Given records START
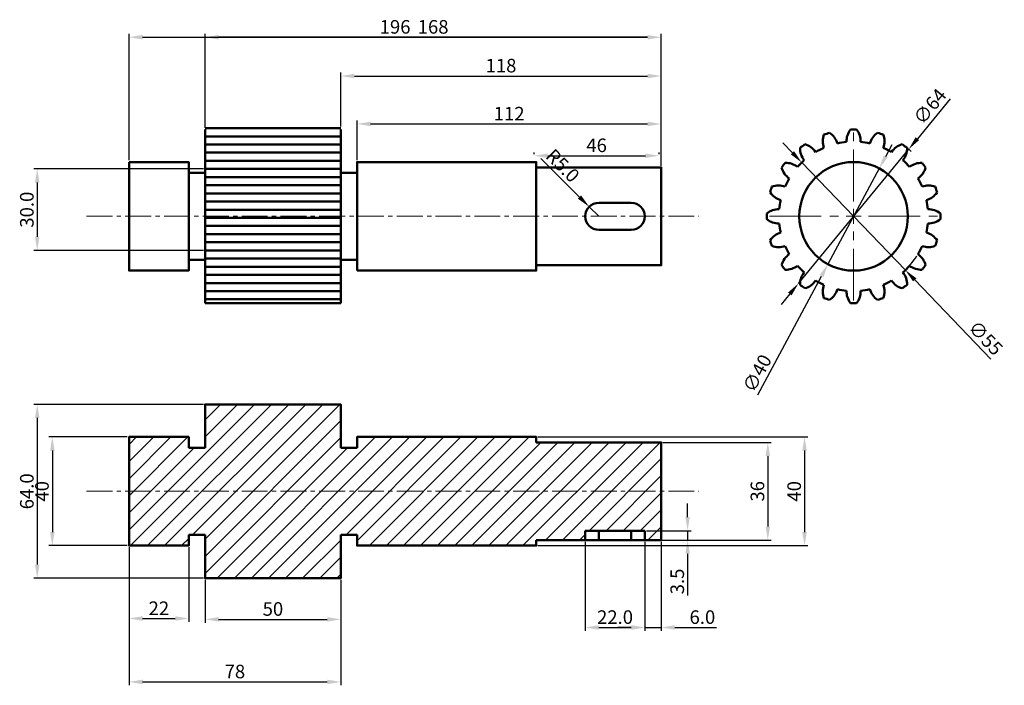
# Model space of a CAD drawing. Units: millimetres. Extents: x 2854 to 3217, y 1568 to 1813.
import ezdxf

# ---------------------------------------------------------------- set-up
doc = ezdxf.new("R2010")
doc.units = ezdxf.units.MM
doc.linetypes.add('CENTER2', pattern=[28.575, 19.05, -3.175, 3.175, -3.175])
for name, color, linetype, lineweight in [('M-CNTR', 1, 'CENTER2', 18), ('M-DIMS', 2, 'Continuous', 25), ('M-HATC', 8, 'Continuous', 18), ('M-OUTL', 7, 'Continuous', 50)]:
    doc.layers.add(name, color=color, linetype=linetype, lineweight=lineweight)
doc.styles.get("Standard").update_dxf_attribs({"font": 'arial.ttf'})
doc.dimstyles.new('ISO-25', dxfattribs={"dimtxt": 5, "dimasz": 5, "dimexe": 1.25, "dimexo": 0.625, "dimtad": 1, "dimdsep": 46, "dimtxsty": 'Standard', "dimcen": 2.5, "dimclrd": 3, "dimadec": 0, "dimazin": 0, "dimtfac": 1, "dimtmove": 0, "dimatfit": 3, "dimfxl": 1, "dimarcsym": 0})

# ---------------------------------------------------------------- blocks, each defined once
blk = doc.blocks.new('*D1')
at = {"layer": 'Defpoints', "color": 0, "transparency": 16777216}
for p in [(3090.59, 1806.21), (2894.59, 1760.27), (3090.59, 1758.27)]:
    blk.add_point(p, dxfattribs=at)
at = {"layer": 'M-DIMS', "color": 0, "lineweight": -2, "transparency": 16777216}
for p, q in [((2894.59, 1760.89), (2894.59, 1807.46)), ((2899.59, 1806.21), (3085.59, 1806.21)), ((3090.59, 1758.89), (3090.59, 1807.46))]:
    blk.add_line(p, q, dxfattribs=at)
at = {"layer": 'M-DIMS', "color": 0, "transparency": 16777216}
for points in [[(2899.59, 1807.05), (2899.59, 1805.38), (2894.59, 1806.21)], [(3085.59, 1807.05), (3085.59, 1805.38), (3090.59, 1806.21)]]:
    blk.add_solid(points, dxfattribs=at)
at = {"layer": 'M-DIMS', "color": 0, "transparency": 16777216, "insert": (2992.59, 1809.39), "char_height": 5, "attachment_point": 5}
blk.add_mtext('196', dxfattribs=at)
blk = doc.blocks.new('*D2')
at = {"layer": 'Defpoints', "color": 0, "transparency": 16777216}
for p in [(2922.59, 1806.21), (2922.59, 1772.27), (3090.59, 1758.27)]:
    blk.add_point(p, dxfattribs=at)
at = {"layer": 'M-DIMS', "color": 0, "lineweight": -2, "transparency": 16777216}
for p, q in [((2922.59, 1772.89), (2922.59, 1807.46)), ((3085.59, 1806.21), (2927.59, 1806.21)), ((3090.59, 1758.89), (3090.59, 1807.46))]:
    blk.add_line(p, q, dxfattribs=at)
at = {"layer": 'M-DIMS', "color": 0, "transparency": 16777216}
for points in [[(2927.59, 1807.05), (2927.59, 1805.38), (2922.59, 1806.21)], [(3085.59, 1807.05), (3085.59, 1805.38), (3090.59, 1806.21)]]:
    blk.add_solid(points, dxfattribs=at)
at = {"layer": 'M-DIMS', "color": 0, "transparency": 16777216, "insert": (3006.59, 1809.39), "char_height": 5, "attachment_point": 5}
blk.add_mtext('168', dxfattribs=at)
blk = doc.blocks.new('*D3')
at = {"layer": 'Defpoints', "color": 0, "transparency": 16777216}
for p in [(3090.59, 1791.93), (2972.59, 1772.72), (3090.59, 1772.72)]:
    blk.add_point(p, dxfattribs=at)
at = {"layer": 'M-DIMS', "color": 0, "lineweight": -2, "transparency": 16777216}
for p, q in [((2972.59, 1773.34), (2972.59, 1793.18)), ((2977.59, 1791.93), (3085.59, 1791.93)), ((3090.59, 1773.34), (3090.59, 1793.18))]:
    blk.add_line(p, q, dxfattribs=at)
at = {"layer": 'M-DIMS', "color": 0, "transparency": 16777216}
for points in [[(2977.59, 1792.77), (2977.59, 1791.1), (2972.59, 1791.93)], [(3085.59, 1792.77), (3085.59, 1791.1), (3090.59, 1791.93)]]:
    blk.add_solid(points, dxfattribs=at)
at = {"layer": 'M-DIMS', "color": 0, "transparency": 16777216, "insert": (3031.59, 1795.11), "char_height": 5, "attachment_point": 5}
blk.add_mtext('118', dxfattribs=at)
blk = doc.blocks.new('*D4')
at = {"layer": 'Defpoints', "color": 0, "transparency": 16777216}
for p in [(3090.59, 1774.28), (2978.59, 1760.27), (3090.59, 1760.27)]:
    blk.add_point(p, dxfattribs=at)
at = {"layer": 'M-DIMS', "color": 0, "lineweight": -2, "transparency": 16777216}
for p, q in [((2978.59, 1760.89), (2978.59, 1775.53)), ((2983.59, 1774.28), (3085.59, 1774.28)), ((3090.59, 1760.89), (3090.59, 1775.53))]:
    blk.add_line(p, q, dxfattribs=at)
at = {"layer": 'M-DIMS', "color": 0, "transparency": 16777216}
for points in [[(2983.59, 1775.12), (2983.59, 1773.45), (2978.59, 1774.28)], [(3085.59, 1775.12), (3085.59, 1773.45), (3090.59, 1774.28)]]:
    blk.add_solid(points, dxfattribs=at)
at = {"layer": 'M-DIMS', "color": 0, "transparency": 16777216, "insert": (3034.59, 1777.42), "char_height": 5, "attachment_point": 5}
blk.add_mtext('112', dxfattribs=at)
blk = doc.blocks.new('*D5')
at = {"layer": 'Defpoints', "color": 0, "transparency": 16777216}
for p in [(3043.81, 1762.58), (3089.81, 1762.58), (3089.81, 1762.58)]:
    blk.add_point(p, dxfattribs=at)
at = {"layer": 'M-DIMS', "color": 0, "lineweight": -2, "transparency": 16777216}
for p, q in [((3043.81, 1763.21), (3043.81, 1763.83)), ((3048.81, 1762.58), (3084.81, 1762.58)), ((3089.81, 1763.21), (3089.81, 1763.83))]:
    blk.add_line(p, q, dxfattribs=at)
at = {"layer": 'M-DIMS', "color": 0, "transparency": 16777216}
for points in [[(3048.81, 1763.42), (3048.81, 1761.75), (3043.81, 1762.58)], [(3084.81, 1763.42), (3084.81, 1761.75), (3089.81, 1762.58)]]:
    blk.add_solid(points, dxfattribs=at)
at = {"layer": 'M-DIMS', "color": 0, "transparency": 16777216, "insert": (3066.81, 1765.76), "char_height": 5, "attachment_point": 5}
blk.add_mtext('46', dxfattribs=at)
blk = doc.blocks.new('*D6')
at = {"layer": 'Defpoints', "color": 0, "transparency": 16777216}
for p in [(3181.76, 1765), (3141.14, 1715.54)]:
    blk.add_point(p, dxfattribs=at)
at = {"layer": 'M-DIMS', "color": 0, "lineweight": -2, "transparency": 16777216}
for p, q in [((3197, 1783.55), (3184.93, 1768.86)), ((3141.14, 1715.54), (3181.76, 1765)), ((3137.96, 1711.68), (3134.79, 1707.81))]:
    blk.add_line(p, q, dxfattribs=at)
blk.add_arc((3161.45, 1740.27), 32, 48.3615, 50.9227, dxfattribs=at)
at = {"layer": 'M-DIMS', "color": 0, "transparency": 16777216}
for points in [[(3184.29, 1769.39), (3185.58, 1768.33), (3181.76, 1765)], [(3137.32, 1712.21), (3138.61, 1711.15), (3141.14, 1715.54)]]:
    blk.add_solid(points, dxfattribs=at)
at = {"layer": 'M-DIMS', "color": 0, "transparency": 16777216, "insert": (3190.05, 1780.31), "char_height": 5, "attachment_point": 5, "rotation": 50.5996}
blk.add_mtext('∅64', dxfattribs=at)
blk = doc.blocks.new('*U7')
at = {"layer": 'M-CNTR', "color": 0, "transparency": 16777216}
for p, q in [((0, 5.5), (0, 31)), ((-31, 0), (-5.5, 0)), ((5.5, 0), (31, 0)), ((0, -31), (0, -5.5))]:
    blk.add_line(p, q, dxfattribs=at)
at = {"layer": 'M-CNTR', "color": 0, "linetype": 'Continuous', "transparency": 16777216}
for p, q in [((-2.75, 0), (2.75, 0)), ((0, -2.75), (0, 2.75))]:
    blk.add_line(p, q, dxfattribs=at)
blk = doc.blocks.new('*U8')
at = {"layer": 'M-CNTR', "color": 0, "transparency": 16777216}
for p, q in [((0, 5.5), (0, 31)), ((-31, 0), (-5.5, 0)), ((5.5, 0), (31, 0)), ((0, -31), (0, -5.5))]:
    blk.add_line(p, q, dxfattribs=at)
at = {"layer": 'M-CNTR', "color": 0, "linetype": 'Continuous', "transparency": 16777216}
for p, q in [((-2.75, 0), (2.75, 0)), ((0, -2.75), (0, 2.75))]:
    blk.add_line(p, q, dxfattribs=at)
blk = doc.blocks.new('*D9')
at = {"layer": 'Defpoints', "color": 0, "transparency": 16777216}
for p in [(3170.9, 1757.89), (3151.99, 1722.65)]:
    blk.add_point(p, dxfattribs=at)
at = {"layer": 'M-DIMS', "color": 0, "lineweight": -2, "transparency": 16777216}
for p, q in [((3173.27, 1762.3), (3175.63, 1766.71)), ((3170.9, 1757.89), (3151.99, 1722.65)), ((3126.17, 1674.51), (3149.63, 1718.24))]:
    blk.add_line(p, q, dxfattribs=at)
at = {"layer": 'M-DIMS', "color": 0, "transparency": 16777216}
for points in [[(3172.53, 1762.69), (3174, 1761.91), (3170.9, 1757.89)], [(3148.9, 1718.63), (3150.36, 1717.85), (3151.99, 1722.65)]]:
    blk.add_solid(points, dxfattribs=at)
at = {"layer": 'M-DIMS', "color": 0, "transparency": 16777216, "insert": (3126.52, 1682.17), "char_height": 5, "attachment_point": 5, "rotation": 61.7895}
blk.add_mtext('∅40', dxfattribs=at)
blk = doc.blocks.new('*D10')
at = {"layer": 'Defpoints', "color": 0, "transparency": 16777216}
for p in [(3142.37, 1760.08), (3180.52, 1720.46)]:
    blk.add_point(p, dxfattribs=at)
at = {"layer": 'M-DIMS', "color": 0, "lineweight": -2, "transparency": 16777216}
for p, q in [((3138.91, 1763.68), (3135.44, 1767.28)), ((3142.37, 1760.08), (3180.52, 1720.46)), ((3212.03, 1687.73), (3183.99, 1716.86))]:
    blk.add_line(p, q, dxfattribs=at)
blk.add_arc((3161.45, 1740.27), 27.5, 311.31, 328.1325, dxfattribs=at)
at = {"layer": 'M-DIMS', "color": 0, "transparency": 16777216}
for points in [[(3139.51, 1764.26), (3138.31, 1763.1), (3142.37, 1760.08)], [(3184.59, 1717.44), (3183.39, 1716.28), (3180.52, 1720.46)]]:
    blk.add_solid(points, dxfattribs=at)
at = {"layer": 'M-DIMS', "color": 0, "transparency": 16777216, "insert": (3209.61, 1695.03), "char_height": 5, "attachment_point": 5, "rotation": 313.9144}
blk.add_mtext('∅55', dxfattribs=at)
blk = doc.blocks.new('*D11')
at = {"layer": 'Defpoints', "color": 0, "transparency": 16777216}
for p in [(2894.59, 1659.01), (2866.36, 1619.01), (2894.59, 1619.01)]:
    blk.add_point(p, dxfattribs=at)
at = {"layer": 'M-DIMS', "color": 0, "lineweight": -2, "transparency": 16777216}
for p, q in [((2893.97, 1659.01), (2865.11, 1659.01)), ((2866.36, 1654.01), (2866.36, 1624.01)), ((2893.97, 1619.01), (2865.11, 1619.01))]:
    blk.add_line(p, q, dxfattribs=at)
at = {"layer": 'M-DIMS', "color": 0, "transparency": 16777216}
for points in [[(2865.52, 1654.01), (2867.19, 1654.01), (2866.36, 1659.01)], [(2865.52, 1624.01), (2867.19, 1624.01), (2866.36, 1619.01)]]:
    blk.add_solid(points, dxfattribs=at)
at = {"layer": 'M-DIMS', "color": 0, "transparency": 16777216, "insert": (2863.18, 1639.01), "char_height": 5, "attachment_point": 5, "rotation": 90}
blk.add_mtext('40', dxfattribs=at)
blk = doc.blocks.new('*D12')
at = {"layer": 'Defpoints', "color": 0, "transparency": 16777216}
for p in [(2894.59, 1619.01), (2916.59, 1619.01), (2916.59, 1592.18)]:
    blk.add_point(p, dxfattribs=at)
at = {"layer": 'M-DIMS', "color": 0, "lineweight": -2, "transparency": 16777216}
for p, q in [((2894.59, 1618.39), (2894.59, 1590.93)), ((2916.59, 1618.39), (2916.59, 1590.93)), ((2899.59, 1592.18), (2911.59, 1592.18))]:
    blk.add_line(p, q, dxfattribs=at)
at = {"layer": 'M-DIMS', "color": 0, "transparency": 16777216}
for points in [[(2899.59, 1593.01), (2899.59, 1591.34), (2894.59, 1592.18)], [(2911.59, 1593.01), (2911.59, 1591.34), (2916.59, 1592.18)]]:
    blk.add_solid(points, dxfattribs=at)
at = {"layer": 'M-DIMS', "color": 0, "transparency": 16777216, "insert": (2905.59, 1595.31), "char_height": 5, "attachment_point": 5}
blk.add_mtext('22', dxfattribs=at)
blk = doc.blocks.new('*D13')
at = {"layer": 'Defpoints', "color": 0, "transparency": 16777216}
for p in [(2922.59, 1607.01), (2972.59, 1607.01), (2972.59, 1591.86)]:
    blk.add_point(p, dxfattribs=at)
at = {"layer": 'M-DIMS', "color": 0, "lineweight": -2, "transparency": 16777216}
for p, q in [((2922.59, 1606.39), (2922.59, 1590.61)), ((2972.59, 1606.39), (2972.59, 1590.61)), ((2927.59, 1591.86), (2967.59, 1591.86))]:
    blk.add_line(p, q, dxfattribs=at)
at = {"layer": 'M-DIMS', "color": 0, "transparency": 16777216}
for points in [[(2927.59, 1592.69), (2927.59, 1591.03), (2922.59, 1591.86)], [(2967.59, 1592.69), (2967.59, 1591.03), (2972.59, 1591.86)]]:
    blk.add_solid(points, dxfattribs=at)
at = {"layer": 'M-DIMS', "color": 0, "transparency": 16777216, "insert": (2947.59, 1595.04), "char_height": 5, "attachment_point": 5}
blk.add_mtext('50', dxfattribs=at)
blk = doc.blocks.new('*D14')
at = {"layer": 'Defpoints', "color": 0, "transparency": 16777216}
for p in [(2894.59, 1597.47), (2972.59, 1597.47), (2972.59, 1568.83)]:
    blk.add_point(p, dxfattribs=at)
at = {"layer": 'M-DIMS', "color": 0, "lineweight": -2, "transparency": 16777216}
for p, q in [((2894.59, 1596.85), (2894.59, 1567.58)), ((2972.59, 1596.85), (2972.59, 1567.58)), ((2899.59, 1568.83), (2967.59, 1568.83))]:
    blk.add_line(p, q, dxfattribs=at)
at = {"layer": 'M-DIMS', "color": 0, "transparency": 16777216}
for points in [[(2899.59, 1569.66), (2899.59, 1567.99), (2894.59, 1568.83)], [(2967.59, 1569.66), (2967.59, 1567.99), (2972.59, 1568.83)]]:
    blk.add_solid(points, dxfattribs=at)
at = {"layer": 'M-DIMS', "color": 0, "transparency": 16777216, "insert": (2933.59, 1572.01), "char_height": 5, "attachment_point": 5}
blk.add_mtext('78', dxfattribs=at)
blk = doc.blocks.new('*D15')
at = {"layer": 'Defpoints', "color": 0, "transparency": 16777216}
for p in [(3090.59, 1657.01), (3090.59, 1621.01), (3129.86, 1621.01)]:
    blk.add_point(p, dxfattribs=at)
at = {"layer": 'M-DIMS', "color": 0, "lineweight": -2, "transparency": 16777216}
for p, q in [((3091.22, 1657.01), (3131.11, 1657.01)), ((3129.86, 1652.01), (3129.86, 1626.01)), ((3091.22, 1621.01), (3131.11, 1621.01))]:
    blk.add_line(p, q, dxfattribs=at)
at = {"layer": 'M-DIMS', "color": 0, "transparency": 16777216}
for points in [[(3129.02, 1652.01), (3130.69, 1652.01), (3129.86, 1657.01)], [(3129.02, 1626.01), (3130.69, 1626.01), (3129.86, 1621.01)]]:
    blk.add_solid(points, dxfattribs=at)
at = {"layer": 'M-DIMS', "color": 0, "transparency": 16777216, "insert": (3126.68, 1639.01), "char_height": 5, "attachment_point": 5, "rotation": 90}
blk.add_mtext('36', dxfattribs=at)
blk = doc.blocks.new('*D16')
at = {"layer": 'Defpoints', "color": 0, "transparency": 16777216}
for p in [(3044.59, 1659.01), (3044.59, 1619.01), (3143.4, 1619.01)]:
    blk.add_point(p, dxfattribs=at)
at = {"layer": 'M-DIMS', "color": 0, "lineweight": -2, "transparency": 16777216}
for p, q in [((3045.22, 1659.01), (3144.65, 1659.01)), ((3143.4, 1654.01), (3143.4, 1624.01)), ((3045.22, 1619.01), (3144.65, 1619.01))]:
    blk.add_line(p, q, dxfattribs=at)
at = {"layer": 'M-DIMS', "color": 0, "transparency": 16777216}
for points in [[(3142.56, 1654.01), (3144.23, 1654.01), (3143.4, 1659.01)], [(3142.56, 1624.01), (3144.23, 1624.01), (3143.4, 1619.01)]]:
    blk.add_solid(points, dxfattribs=at)
at = {"layer": 'M-DIMS', "color": 0, "transparency": 16777216, "insert": (3140.22, 1639.01), "char_height": 5, "attachment_point": 5, "rotation": 90}
blk.add_mtext('40', dxfattribs=at)
blk = doc.blocks.new('*D17')
at = {"layer": 'Defpoints', "color": 0, "transparency": 16777216}
for p in [(3084.59, 1624.51), (3084.59, 1621.01), (3100.33, 1621.01)]:
    blk.add_point(p, dxfattribs=at)
at = {"layer": 'M-DIMS', "color": 0, "lineweight": -2, "transparency": 16777216}
for p, q in [((3100.33, 1629.51), (3100.33, 1634.51)), ((3085.22, 1624.51), (3101.58, 1624.51)), ((3085.22, 1621.01), (3101.58, 1621.01)), ((3100.33, 1624.51), (3100.33, 1621.01)), ((3100.33, 1616.01), (3100.33, 1600.62))]:
    blk.add_line(p, q, dxfattribs=at)
at = {"layer": 'M-DIMS', "color": 0, "transparency": 16777216}
for points in [[(3099.49, 1629.51), (3101.16, 1629.51), (3100.33, 1624.51)], [(3099.49, 1616.01), (3101.16, 1616.01), (3100.33, 1621.01)]]:
    blk.add_solid(points, dxfattribs=at)
at = {"layer": 'M-DIMS', "color": 0, "transparency": 16777216, "insert": (3097.15, 1605.82), "char_height": 5, "attachment_point": 5, "rotation": 90}
blk.add_mtext('3.5', dxfattribs=at)
blk = doc.blocks.new('*D18')
at = {"layer": 'Defpoints', "color": 0, "transparency": 16777216}
for p in [(3062.59, 1621.01), (3084.59, 1621.01), (3084.59, 1588.86)]:
    blk.add_point(p, dxfattribs=at)
at = {"layer": 'M-DIMS', "color": 0, "lineweight": -2, "transparency": 16777216}
for p, q in [((3062.59, 1620.39), (3062.59, 1587.61)), ((3084.59, 1620.39), (3084.59, 1587.61))]:
    blk.add_line(p, q, dxfattribs=at)
at = {"layer": 'M-DIMS', "color": 3, "lineweight": -2, "transparency": 16777216}
blk.add_line((3067.59, 1588.86), (3079.59, 1588.86), dxfattribs=at)
at = {"layer": 'M-DIMS', "color": 3, "transparency": 16777216}
for points in [[(3067.59, 1589.7), (3067.59, 1588.03), (3062.59, 1588.86)], [(3079.59, 1589.7), (3079.59, 1588.03), (3084.59, 1588.86)]]:
    blk.add_solid(points, dxfattribs=at)
at = {"layer": 'M-DIMS', "color": 0, "transparency": 16777216, "insert": (3073.59, 1592.04), "char_height": 5, "attachment_point": 5}
blk.add_mtext('22.0', dxfattribs=at)
blk = doc.blocks.new('*D19')
at = {"layer": 'Defpoints', "color": 0, "transparency": 16777216}
for p in [(3084.59, 1621.01), (3090.59, 1621.01), (3090.59, 1588.86)]:
    blk.add_point(p, dxfattribs=at)
at = {"layer": 'M-DIMS', "color": 0, "lineweight": -2, "transparency": 16777216}
for p, q in [((3084.59, 1620.39), (3084.59, 1587.61)), ((3090.59, 1620.39), (3090.59, 1587.61))]:
    blk.add_line(p, q, dxfattribs=at)
at = {"layer": 'M-DIMS', "color": 3, "lineweight": -2, "transparency": 16777216}
for p, q in [((3079.59, 1588.86), (3074.59, 1588.86)), ((3084.59, 1588.86), (3090.59, 1588.86)), ((3095.59, 1588.86), (3110.96, 1588.86))]:
    blk.add_line(p, q, dxfattribs=at)
at = {"layer": 'M-DIMS', "color": 3, "transparency": 16777216}
for points in [[(3079.59, 1589.7), (3079.59, 1588.03), (3084.59, 1588.86)], [(3095.59, 1589.7), (3095.59, 1588.03), (3090.59, 1588.86)]]:
    blk.add_solid(points, dxfattribs=at)
at = {"layer": 'M-DIMS', "color": 0, "transparency": 16777216, "insert": (3105.77, 1592.04), "char_height": 5, "attachment_point": 5}
blk.add_mtext('6.0', dxfattribs=at)
blk = doc.blocks.new('*D20')
at = {"layer": 'Defpoints', "color": 0, "transparency": 16777216}
for p in [(2922.59, 1757.72), (2860.79, 1727.72), (2922.59, 1727.72)]:
    blk.add_point(p, dxfattribs=at)
at = {"layer": 'M-DIMS', "color": 0, "lineweight": -2, "transparency": 16777216}
for p, q in [((2921.97, 1757.72), (2859.54, 1757.72)), ((2921.97, 1727.72), (2859.54, 1727.72))]:
    blk.add_line(p, q, dxfattribs=at)
at = {"layer": 'M-DIMS', "color": 3, "lineweight": -2, "transparency": 16777216}
blk.add_line((2860.79, 1752.72), (2860.79, 1732.72), dxfattribs=at)
at = {"layer": 'M-DIMS', "color": 3, "transparency": 16777216}
for points in [[(2859.95, 1752.72), (2861.62, 1752.72), (2860.79, 1757.72)], [(2859.95, 1732.72), (2861.62, 1732.72), (2860.79, 1727.72)]]:
    blk.add_solid(points, dxfattribs=at)
at = {"layer": 'M-DIMS', "color": 0, "transparency": 16777216, "insert": (2857.61, 1742.72), "char_height": 5, "attachment_point": 5, "rotation": 90}
blk.add_mtext('30.0', dxfattribs=at)
blk = doc.blocks.new('*D21')
at = {"layer": 'Defpoints', "color": 0, "transparency": 16777216}
for p in [(2922.59, 1671.01), (2860.79, 1607.01), (2922.59, 1607.01)]:
    blk.add_point(p, dxfattribs=at)
at = {"layer": 'M-DIMS', "color": 0, "lineweight": -2, "transparency": 16777216}
for p, q in [((2921.97, 1671.01), (2859.54, 1671.01)), ((2921.97, 1607.01), (2859.54, 1607.01))]:
    blk.add_line(p, q, dxfattribs=at)
at = {"layer": 'M-DIMS', "color": 3, "lineweight": -2, "transparency": 16777216}
blk.add_line((2860.79, 1666.01), (2860.79, 1612.01), dxfattribs=at)
at = {"layer": 'M-DIMS', "color": 3, "transparency": 16777216}
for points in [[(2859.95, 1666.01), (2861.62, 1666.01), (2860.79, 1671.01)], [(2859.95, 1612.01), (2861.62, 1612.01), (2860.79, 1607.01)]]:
Given records END
* **Task brief**
Stop after the line containing "-3.175, 3.175, -3.175])": copy the records exactly from the first line up to there, leaving pictures out.

* **Completed task**
# Model space of a CAD drawing. Units: millimetres. Extents: x 2854 to 3217, y 1568 to 1813.
import ezdxf

# ---------------------------------------------------------------- set-up
doc = ezdxf.new("R2010")
doc.units = ezdxf.units.MM
doc.linetypes.add('CENTER2', pattern=[28.575, 19.05, -3.175, 3.175, -3.175])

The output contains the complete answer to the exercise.